▸ PROBLEM REQUIREMENTS: Write out nothing except the lines of the entries below, from the first through the one containing "#36=PCURVE('',#29,#35);", exactly and without pictures.

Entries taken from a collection
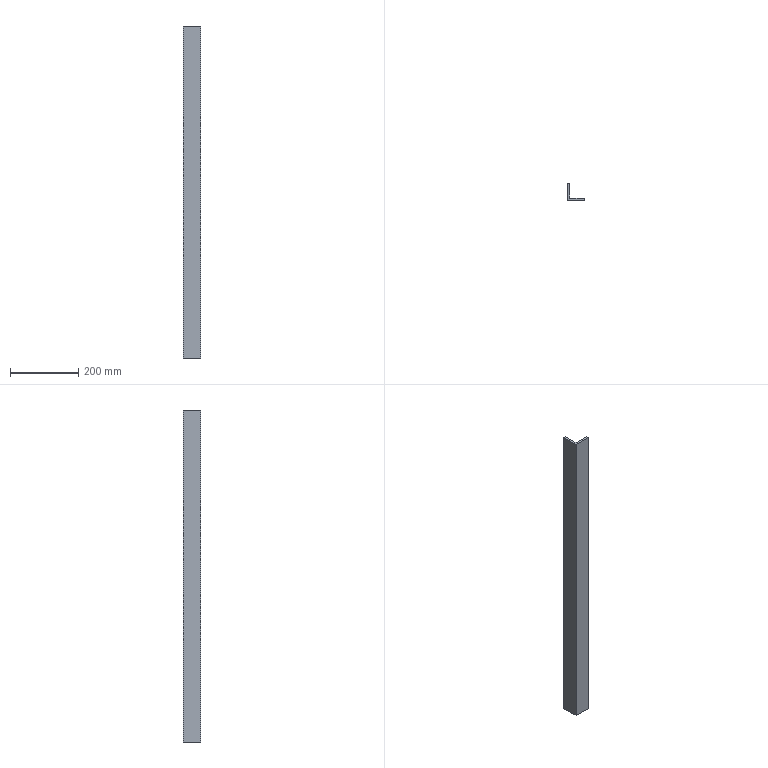Component | NX | VERTICAL_CORNER_PROTECTOR | 1 solid | 8 faces | box 50 x 50 x 975 mm | volume 549900 mm3 | plane 8
STEP:
#1=CARTESIAN_POINT('',(0.,0.,0.));
#2=DIRECTION('',(0.,0.,1.));
#3=DIRECTION('',(1.,0.,0.));
#4=AXIS2_PLACEMENT_3D('',#1,#2,#3);
#5=CARTESIAN_POINT('',(-622.5,-471.,0.));
#6=VERTEX_POINT('',#5);
#7=CARTESIAN_POINT('',(-628.5,-471.,0.));
#8=VERTEX_POINT('',#7);
#9=CARTESIAN_POINT('',(-622.5,-471.,0.));
#10=DIRECTION('',(-1.,0.,0.));
#11=VECTOR('',#10,1.);
#12=LINE('',#9,#11);
#13=CARTESIAN_POINT('',(-107.5,-60.,0.));
#14=DIRECTION('',(0.,0.,1.));
#15=DIRECTION('',(0.,-1.,0.));
#16=AXIS2_PLACEMENT_3D('',#13,#14,#15);
#17=PLANE('',#16);
#18=CARTESIAN_POINT('',(411.,-515.));
#19=DIRECTION('',(0.,-1.));
#20=VECTOR('',#19,1.);
#21=LINE('',#18,#20);
#22=(GEOMETRIC_REPRESENTATION_CONTEXT(2)PARAMETRIC_REPRESENTATION_CONTEXT()REPRESENTATION_CONTEXT('',''));
#23=DEFINITIONAL_REPRESENTATION('',(#21),#22);
#24=PCURVE('',#17,#23);
#25=CARTESIAN_POINT('',(-622.5,-471.,975.));
#26=DIRECTION('',(0.,-1.,0.));
#27=DIRECTION('',(0.,0.,-1.));
#28=AXIS2_PLACEMENT_3D('',#25,#26,#27);
#29=PLANE('',#28);
#30=CARTESIAN_POINT('',(975.,0.));
#31=DIRECTION('',(0.,-1.));
#32=VECTOR('',#31,1.);
#33=LINE('',#30,#32);
#34=(GEOMETRIC_REPRESENTATION_CONTEXT(2)PARAMETRIC_REPRESENTATION_CONTEXT()REPRESENTATION_CONTEXT('',''));
#35=DEFINITIONAL_REPRESENTATION('',(#33),#34);
#36=PCURVE('',#29,#35);
#37=SURFACE_CURVE('',#12,(#24,#36),.PCURVE_S1.);
#38=EDGE_CURVE('',#6,#8,#37,.T.);
#39=ORIENTED_EDGE('',*,*,#38,.F.);
#40=CARTESIAN_POINT('',(-622.5,-515.,0.));
#41=VERTEX_POINT('',#40);
#42=CARTESIAN_POINT('',(-622.5,730.,0.));
#43=DIRECTION('',(0.,-1.,0.));
#44=VECTOR('',#43,1.);
#45=LINE('',#42,#44);
#46=CARTESIAN_POINT('',(-790.,-515.));
#47=DIRECTION('',(1.,0.));
#48=VECTOR('',#47,1.);
#49=LINE('',#46,#48);
#50=(GEOMETRIC_REPRESENTATION_CONTEXT(2)PARAMETRIC_REPRESENTATION_CONTEXT()REPRESENTATION_CONTEXT('',''));
#51=DEFINITIONAL_REPRESENTATION('',(#49),#50);
#52=PCURVE('',#17,#51);
#53=CARTESIAN_POINT('',(-622.5,730.,975.));
#54=DIRECTION('',(1.,0.,0.));
#55=DIRECTION('',(0.,0.,1.));
#56=AXIS2_PLACEMENT_3D('',#53,#54,#55);
#57=PLANE('',#56);
#58=CARTESIAN_POINT('',(-975.,0.));
#59=DIRECTION('',(0.,1.));
#60=VECTOR('',#59,1.);
#61=LINE('',#58,#60);
#62=(GEOMETRIC_REPRESENTATION_CONTEXT(2)PARAMETRIC_REPRESENTATION_CONTEXT()REPRESENTATION_CONTEXT('',''));
#63=DEFINITIONAL_REPRESENTATION('',(#61),#62);
#64=PCURVE('',#57,#63);
#65=SURFACE_CURVE('',#45,(#52,#64),.PCURVE_S1.);
#66=EDGE_CURVE('',#6,#41,#65,.T.);
#67=ORIENTED_EDGE('',*,*,#66,.T.);
#68=CARTESIAN_POINT('',(-578.5,-515.,0.));
#69=VERTEX_POINT('',#68);
#70=CARTESIAN_POINT('',(-622.5,-515.,0.));
#71=DIRECTION('',(1.,0.,0.));
#72=VECTOR('',#71,1.);
#73=LINE('',#70,#72);
#74=CARTESIAN_POINT('',(455.,-515.));
#75=DIRECTION('',(0.,1.));
#76=VECTOR('',#75,1.);
#77=LINE('',#74,#76);
#78=(GEOMETRIC_REPRESENTATION_CONTEXT(2)PARAMETRIC_REPRESENTATION_CONTEXT()REPRESENTATION_CONTEXT('',''));
#79=DEFINITIONAL_REPRESENTATION('',(#77),#78);
#80=PCURVE('',#17,#79);
#81=CARTESIAN_POINT('',(-622.5,-515.,975.));
#82=DIRECTION('',(0.,1.,0.));
#83=DIRECTION('',(0.,0.,1.));
#84=AXIS2_PLACEMENT_3D('',#81,#82,#83);
#85=PLANE('',#84);
#86=CARTESIAN_POINT('',(-975.,0.));
#87=DIRECTION('',(0.,1.));
#88=VECTOR('',#87,1.);
#89=LINE('',#86,#88);
#90=(GEOMETRIC_REPRESENTATION_CONTEXT(2)PARAMETRIC_REPRESENTATION_CONTEXT()REPRESENTATION_CONTEXT('',''));
#91=DEFINITIONAL_REPRESENTATION('',(#89),#90);
#92=PCURVE('',#85,#91);
#93=SURFACE_CURVE('',#73,(#80,#92),.PCURVE_S1.);
#94=EDGE_CURVE('',#41,#69,#93,.T.);
#95=ORIENTED_EDGE('',*,*,#94,.T.);
#96=CARTESIAN_POINT('',(-578.5,-521.,0.));
#97=VERTEX_POINT('',#96);
#98=CARTESIAN_POINT('',(-578.5,-515.,0.));
#99=DIRECTION('',(0.,1.,0.));
#100=VECTOR('',#99,1.);
#101=LINE('',#98,#100);
#102=CARTESIAN_POINT('',(455.,-471.));
#103=DIRECTION('',(-1.,0.));
#104=VECTOR('',#103,1.);
#105=LINE('',#102,#104);
#106=(GEOMETRIC_REPRESENTATION_CONTEXT(2)PARAMETRIC_REPRESENTATION_CONTEXT()REPRESENTATION_CONTEXT('',''));
#107=DEFINITIONAL_REPRESENTATION('',(#105),#106);
#108=PCURVE('',#17,#107);
#109=CARTESIAN_POINT('',(-578.5,-515.,975.));
#110=DIRECTION('',(1.,0.,0.));
#111=DIRECTION('',(0.,0.,-1.));
#112=AXIS2_PLACEMENT_3D('',#109,#110,#111);
#113=PLANE('',#112);
#114=CARTESIAN_POINT('',(975.,0.));
#115=DIRECTION('',(0.,1.));
#116=VECTOR('',#115,1.);
#117=LINE('',#114,#116);
#118=(GEOMETRIC_REPRESENTATION_CONTEXT(2)PARAMETRIC_REPRESENTATION_CONTEXT()REPRESENTATION_CONTEXT('',''));
#119=DEFINITIONAL_REPRESENTATION('',(#117),#118);
#120=PCURVE('',#113,#119);
#121=SURFACE_CURVE('',#101,(#108,#120),.PCURVE_S1.);
#122=EDGE_CURVE('',#97,#69,#121,.T.);
#123=ORIENTED_EDGE('',*,*,#122,.F.);
#124=CARTESIAN_POINT('',(-628.5,-521.,0.));
#125=VERTEX_POINT('',#124);
#126=CARTESIAN_POINT('',(-622.5,-521.,0.));
#127=DIRECTION('',(1.,0.,0.));
#128=VECTOR('',#127,1.);
#129=LINE('',#126,#128);
#130=CARTESIAN_POINT('',(461.,-515.));
#131=DIRECTION('',(0.,1.));
#132=VECTOR('',#131,1.);
#133=LINE('',#130,#132);
#134=(GEOMETRIC_REPRESENTATION_CONTEXT(2)PARAMETRIC_REPRESENTATION_CONTEXT()REPRESENTATION_CONTEXT('',''));
#135=DEFINITIONAL_REPRESENTATION('',(#133),#134);
#136=PCURVE('',#17,#135);
#137=CARTESIAN_POINT('',(-622.5,-521.,975.));
#138=DIRECTION('',(0.,1.,0.));
#139=DIRECTION('',(0.,0.,1.));
#140=AXIS2_PLACEMENT_3D('',#137,#138,#139);
#141=PLANE('',#140);
#142=CARTESIAN_POINT('',(-975.,0.));
#143=DIRECTION('',(0.,1.));
#144=VECTOR('',#143,1.);
#145=LINE('',#142,#144);
#146=(GEOMETRIC_REPRESENTATION_CONTEXT(2)PARAMETRIC_REPRESENTATION_CONTEXT()REPRESENTATION_CONTEXT('',''));
#147=DEFINITIONAL_REPRESENTATION('',(#145),#146);
#148=PCURVE('',#141,#147);
#149=SURFACE_CURVE('',#129,(#136,#148),.PCURVE_S1.);
#150=EDGE_CURVE('',#125,#97,#149,.T.);
#151=ORIENTED_EDGE('',*,*,#150,.F.);
#152=CARTESIAN_POINT('',(-628.5,730.,0.));
#153=DIRECTION('',(0.,-1.,0.));
#154=VECTOR('',#153,1.);
#155=LINE('',#152,#154);
#156=CARTESIAN_POINT('',(-790.,-521.));
#157=DIRECTION('',(1.,0.));
#158=VECTOR('',#157,1.);
#159=LINE('',#156,#158);
#160=(GEOMETRIC_REPRESENTATION_CONTEXT(2)PARAMETRIC_REPRESENTATION_CONTEXT()REPRESENTATION_CONTEXT('',''));
#161=DEFINITIONAL_REPRESENTATION('',(#159),#160);
#162=PCURVE('',#17,#161);
#163=CARTESIAN_POINT('',(-628.5,730.,975.));
#164=DIRECTION('',(1.,0.,0.));
#165=DIRECTION('',(0.,0.,1.));
#166=AXIS2_PLACEMENT_3D('',#163,#164,#165);
#167=PLANE('',#166);
#168=CARTESIAN_POINT('',(-975.,0.));
#169=DIRECTION('',(0.,1.));
#170=VECTOR('',#169,1.);
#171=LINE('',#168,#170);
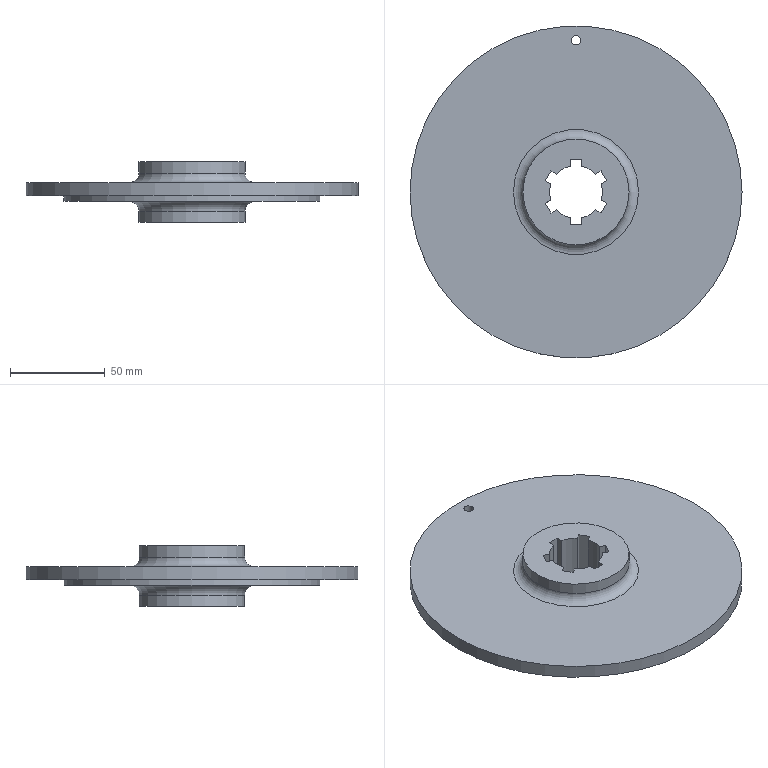Component | NX | CLUTCH_PLATE | 1 solid | 36 faces | volume 244099 mm3 | plane 23 | cylinder 11 | torus 2 | commonest cylinder face diameters 28 x6 56 x2 135 x1 175 x1 5 x1

▸ COMPLETED TASK:
Component | NX | VERTICAL_CORNER_PROTECTOR | 1 solid | 8 faces | box 50 x 50 x 975 mm | volume 549900 mm3 | plane 8
STEP:
#1=CARTESIAN_POINT('',(0.,0.,0.));
#2=DIRECTION('',(0.,0.,1.));
#3=DIRECTION('',(1.,0.,0.));
#4=AXIS2_PLACEMENT_3D('',#1,#2,#3);
#5=CARTESIAN_POINT('',(-622.5,-471.,0.));
#6=VERTEX_POINT('',#5);
#7=CARTESIAN_POINT('',(-628.5,-471.,0.));
#8=VERTEX_POINT('',#7);
#9=CARTESIAN_POINT('',(-622.5,-471.,0.));
#10=DIRECTION('',(-1.,0.,0.));
#11=VECTOR('',#10,1.);
#12=LINE('',#9,#11);
#13=CARTESIAN_POINT('',(-107.5,-60.,0.));
#14=DIRECTION('',(0.,0.,1.));
#15=DIRECTION('',(0.,-1.,0.));
#16=AXIS2_PLACEMENT_3D('',#13,#14,#15);
#17=PLANE('',#16);
#18=CARTESIAN_POINT('',(411.,-515.));
#19=DIRECTION('',(0.,-1.));
#20=VECTOR('',#19,1.);
#21=LINE('',#18,#20);
#22=(GEOMETRIC_REPRESENTATION_CONTEXT(2)PARAMETRIC_REPRESENTATION_CONTEXT()REPRESENTATION_CONTEXT('',''));
#23=DEFINITIONAL_REPRESENTATION('',(#21),#22);
#24=PCURVE('',#17,#23);
#25=CARTESIAN_POINT('',(-622.5,-471.,975.));
#26=DIRECTION('',(0.,-1.,0.));
#27=DIRECTION('',(0.,0.,-1.));
#28=AXIS2_PLACEMENT_3D('',#25,#26,#27);
#29=PLANE('',#28);
#30=CARTESIAN_POINT('',(975.,0.));
#31=DIRECTION('',(0.,-1.));
#32=VECTOR('',#31,1.);
#33=LINE('',#30,#32);
#34=(GEOMETRIC_REPRESENTATION_CONTEXT(2)PARAMETRIC_REPRESENTATION_CONTEXT()REPRESENTATION_CONTEXT('',''));
#35=DEFINITIONAL_REPRESENTATION('',(#33),#34);
#36=PCURVE('',#29,#35);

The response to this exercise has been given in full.